▶ [Your task]: Check each line of the data for "COLUMN" and select those that have it.

▶ [Data entries]:
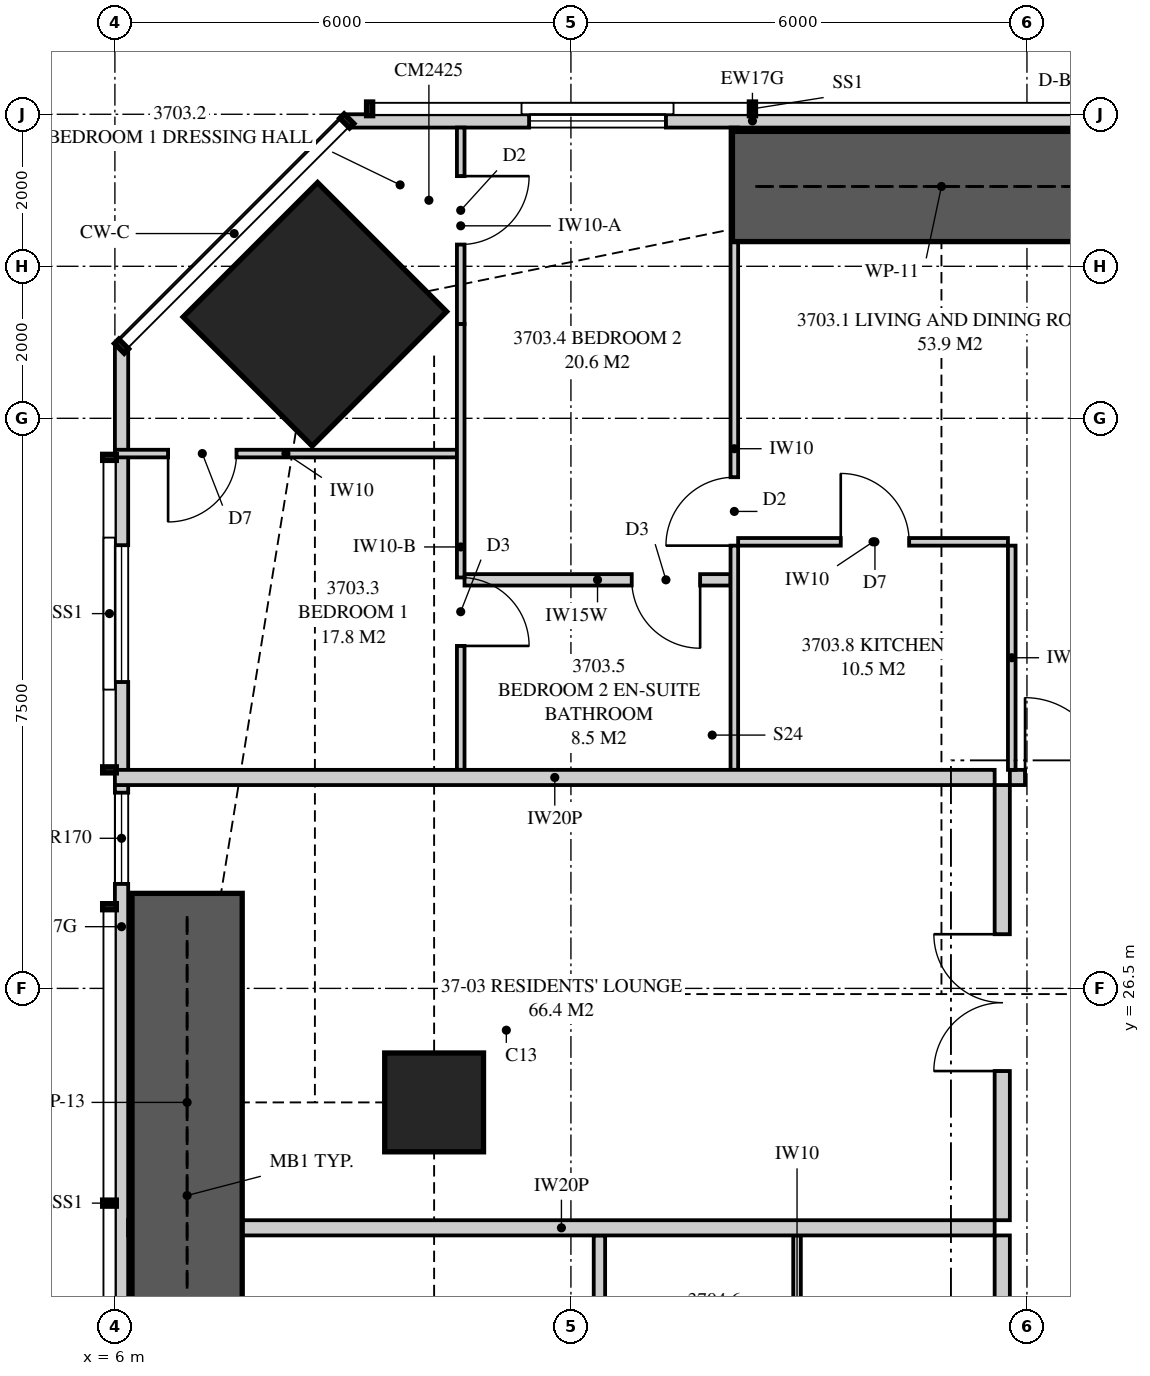
"""IFC4 building model, lengths in metres.
Left out: names, types, materials, properties, quantities, classifications, styles, units other than length and angle.
Written with IfcOpenShell. Run it as: python <this file> out.ifc"""

import sys

from ifc_helpers import new_model, si_unit, direction, frame, frame_2d, origin, origin_2d, place, context, subcontext, project, spatial, polyline, rectangle, outline, extrude, element, fill, save


model = new_model("IFC4")
c1 = context("Model", 3, precision=1e-05, world=origin(), true_north=direction((0.0, 1.0)))
c2 = subcontext(c1, "Body", "Model", "MODEL_VIEW")
j1 = project(units=[si_unit("LENGTHUNIT", "METRE"), si_unit("PLANEANGLEUNIT", "RADIAN")], contexts=[c1])
p1 = place(None, origin())
s1 = spatial("IfcSite", under=j1, at=p1, CompositionType="ELEMENT")
p2 = place(p1, origin())
s2 = spatial("IfcBuilding", under=s1, at=p2, CompositionType="ELEMENT")
p3 = place(p2, frame((0.0, 0.0, 135.0)))
s3 = spatial("IfcBuildingStorey", under=s2, at=p3, CompositionType="ELEMENT", Elevation=135.0)
p4 = place(p3, frame((8.631, 35.369, 0.0), z_axis=(0.0, 0.0, 1.0), x_axis=(0.707106781187, -0.707106781187, 0.0)))
e1 = element("IfcColumn", 1, at=p4, inside=s3, PredefinedType="COLUMN", context=c2, shape_type="SweptSolid", body=[
    extrude(rectangle(XDim=2.4, YDim=2.5, at=origin_2d()), origin(), (0.0, 0.0, 1.0), 3.35),
])
p5 = place(p3, frame((10.2, 25.0, 0.0), z_axis=(0.0, 0.0, 1.0), x_axis=(1.0, 0.0, 0.0)))
e2 = element("IfcColumn", 2, at=p5, inside=s3, PredefinedType="COLUMN", context=c2, shape_type="SweptSolid", body=[
    extrude(rectangle(XDim=1.3, YDim=1.3, at=origin_2d()), origin(), (0.0, 0.0, 1.0), 3.35),
])
p6 = place(p3, frame((19.725, 37.913, 0.0), z_axis=(0.0, 0.0, 1.0), x_axis=(-1.0, 0.0, 0.0)))
e3 = element("IfcWall", 3, at=p6, inside=s3, PredefinedType="SOLIDWALL", context=c2, shape_type="SweptSolid", body=[
    extrude(outline(polyline([(0.0, 0.0), (10.674, 0.0), (10.674, 3.11), (3.053, 3.11), (3.053, 2.15), (3.008, 2.15), (3.008, 3.11), (2.85, 3.11), (2.85, 2.15), (0.0, 2.15), (0.0, 0.0)])), frame((0.0, 0.087, 0.0), z_axis=(0.0, -1.0, 0.0), x_axis=(1.0, 0.0, 0.0)), (0.0, 0.0, 1.0), 0.175),
])
p7 = place(p6, frame((6.475, 0.0, 0.4)))
e4 = element("IfcOpeningElement", 4, at=p7, cuts=e3, PredefinedType="OPENING", context=c2, shape_type="SweptSolid", body=[
    extrude(rectangle(XDim=1.8, YDim=1.7, at=frame_2d((0.9, 0.85))), frame((0.0, 0.097, 0.0), z_axis=(0.0, -1.0, 0.0), x_axis=(1.0, 0.0, 0.0)), (0.0, 0.0, 1.0), 0.195),
])
p8 = place(p3, frame((6.087, 34.949, 0.0), z_axis=(0.0, 0.0, 1.0), x_axis=(0.0, -1.0, 0.0)))
e5 = element("IfcWall", 5, at=p8, inside=s3, PredefinedType="SOLIDWALL", context=c2, shape_type="SweptSolid", body=[
    extrude(outline(polyline([(0.0, 0.0), (15.274, 0.0), (15.274, 2.15), (9.949, 2.15), (9.949, 3.11), (9.823, 3.11), (9.823, 2.15), (9.73, 2.15), (9.73, 3.11), (0.0, 3.11), (0.0, 0.0)])), frame((0.0, 0.087, 0.0), z_axis=(0.0, -1.0, 0.0), x_axis=(1.0, 0.0, 0.0)), (0.0, 0.0, 1.0), 0.175),
])
p9 = place(p8, frame((2.618, 0.0, 0.4)))
e6 = element("IfcOpeningElement", 6, at=p9, cuts=e5, PredefinedType="OPENING", context=c2, shape_type="SweptSolid", body=[
    extrude(rectangle(XDim=1.8, YDim=1.7, at=frame_2d((0.9, 0.85))), frame((0.0, 0.097, 0.0), z_axis=(0.0, -1.0, 0.0), x_axis=(1.0, 0.0, 0.0)), (0.0, 0.0, 1.0), 0.195),
])
p10 = place(p8, frame((5.874, 0.0, 0.4)))
e7 = element("IfcOpeningElement", 7, at=p10, cuts=e5, PredefinedType="OPENING", context=c2, shape_type="SweptSolid", body=[
    extrude(rectangle(XDim=1.2, YDim=1.7, at=frame_2d((0.6, 0.85))), frame((0.0, 0.097, 0.0), z_axis=(0.0, -1.0, 0.0), x_axis=(1.0, 0.0, 0.0)), (0.0, 0.0, 1.0), 0.195),
])
p11 = place(p8, frame((12.819, 0.0, 0.4)))
e8 = element("IfcOpeningElement", 8, at=p11, cuts=e5, PredefinedType="OPENING", context=c2, shape_type="SweptSolid", body=[
    extrude(rectangle(XDim=1.8, YDim=1.7, at=frame_2d((0.9, 0.85))), frame((0.0, 0.097, 0.0), z_axis=(0.0, -1.0, 0.0), x_axis=(1.0, 0.0, 0.0)), (0.0, 0.0, 1.0), 0.195),
])
p12 = place(p3, frame((17.775, 29.275, 0.0), z_axis=(0.0, 0.0, 1.0), x_axis=(1.0, 0.0, 0.0)))
e9 = element("IfcWall", 9, at=p12, inside=s3, PredefinedType="PARTITIONING", context=c2, shape_type="SweptSolid", body=[
    extrude(rectangle(XDim=8.225, YDim=0.2, at=frame_2d((4.113, 0.0))), origin(), (0.0, 0.0, 1.0), 3.11),
])
p13 = place(p12, frame((0.2, 0.0, 0.0)))
e10 = element("IfcOpeningElement", 10, at=p13, cuts=e9, PredefinedType="OPENING", context=c2, shape_type="SweptSolid", body=[
    extrude(rectangle(XDim=1.05, YDim=2.2, at=frame_2d((0.525, 1.1))), frame((0.0, 0.11, 0.0), z_axis=(0.0, -1.0, 0.0), x_axis=(1.0, 0.0, 0.0)), (0.0, 0.0, 1.0), 0.22),
])
p14 = place(p3, frame((10.55, 37.825, 0.0), z_axis=(0.0, 0.0, 1.0), x_axis=(0.0, -1.0, 0.0)))
e11 = element("IfcWall", 11, at=p14, inside=s3, PredefinedType="PARTITIONING", context=c2, shape_type="SweptSolid", body=[
    extrude(outline(polyline([(0.0, 0.0), (2.585, 0.0), (2.585, 2.15), (1.188, 2.15), (1.188, 3.11), (0.0, 3.11), (0.0, 0.0)])), frame((0.0, 0.05, 0.0), z_axis=(0.0, -1.0, 0.0), x_axis=(1.0, 0.0, 0.0)), (0.0, 0.0, 1.0), 0.1),
])
p15 = place(p14, frame((0.639, 0.0, 0.0)))
e12 = element("IfcOpeningElement", 12, at=p15, cuts=e11, PredefinedType="OPENING", context=c2, shape_type="SweptSolid", body=[
    extrude(rectangle(XDim=0.9, YDim=2.1, at=frame_2d((0.45, 1.05))), frame((0.0, 0.06, 0.0), z_axis=(0.0, -1.0, 0.0), x_axis=(1.0, 0.0, 0.0)), (0.0, 0.0, 1.0), 0.12),
])
p16 = place(p3, frame((10.55, 35.24, 0.0), z_axis=(0.0, 0.0, 1.0), x_axis=(0.0, -1.0, 0.0)))
e13 = element("IfcWall", 13, at=p16, inside=s3, PredefinedType="PARTITIONING", context=c2, shape_type="SweptSolid", body=[
    extrude(outline(polyline([(0.0, 0.0), (5.865, 0.0), (5.865, 2.51), (0.358, 2.51), (0.358, 2.15), (0.0, 2.15), (0.0, 0.0)])), frame((0.0, 0.05, 0.0), z_axis=(0.0, -1.0, 0.0), x_axis=(1.0, 0.0, 0.0)), (0.0, 0.0, 1.0), 0.1),
])
p17 = place(p16, frame((3.334, 0.0, 0.0)))
e14 = element("IfcOpeningElement", 14, at=p17, cuts=e13, PredefinedType="OPENING", context=c2, shape_type="SweptSolid", body=[
    extrude(rectangle(XDim=0.9, YDim=2.1, at=frame_2d((0.45, 1.05))), frame((0.0, 0.06, 0.0), z_axis=(0.0, -1.0, 0.0), x_axis=(1.0, 0.0, 0.0)), (0.0, 0.0, 1.0), 0.12),
])
p18 = place(p3, frame((14.15, 37.825, 0.0), z_axis=(0.0, 0.0, 1.0), x_axis=(0.0, -1.0, 0.0)))
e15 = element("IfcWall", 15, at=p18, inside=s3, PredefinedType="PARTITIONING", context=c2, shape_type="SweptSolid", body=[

▶ [Task result]:
e1 = element("IfcColumn", 1, at=p4, inside=s3, PredefinedType="COLUMN", context=c2, shape_type="SweptSolid", body=[
e2 = element("IfcColumn", 2, at=p5, inside=s3, PredefinedType="COLUMN", context=c2, shape_type="SweptSolid", body=[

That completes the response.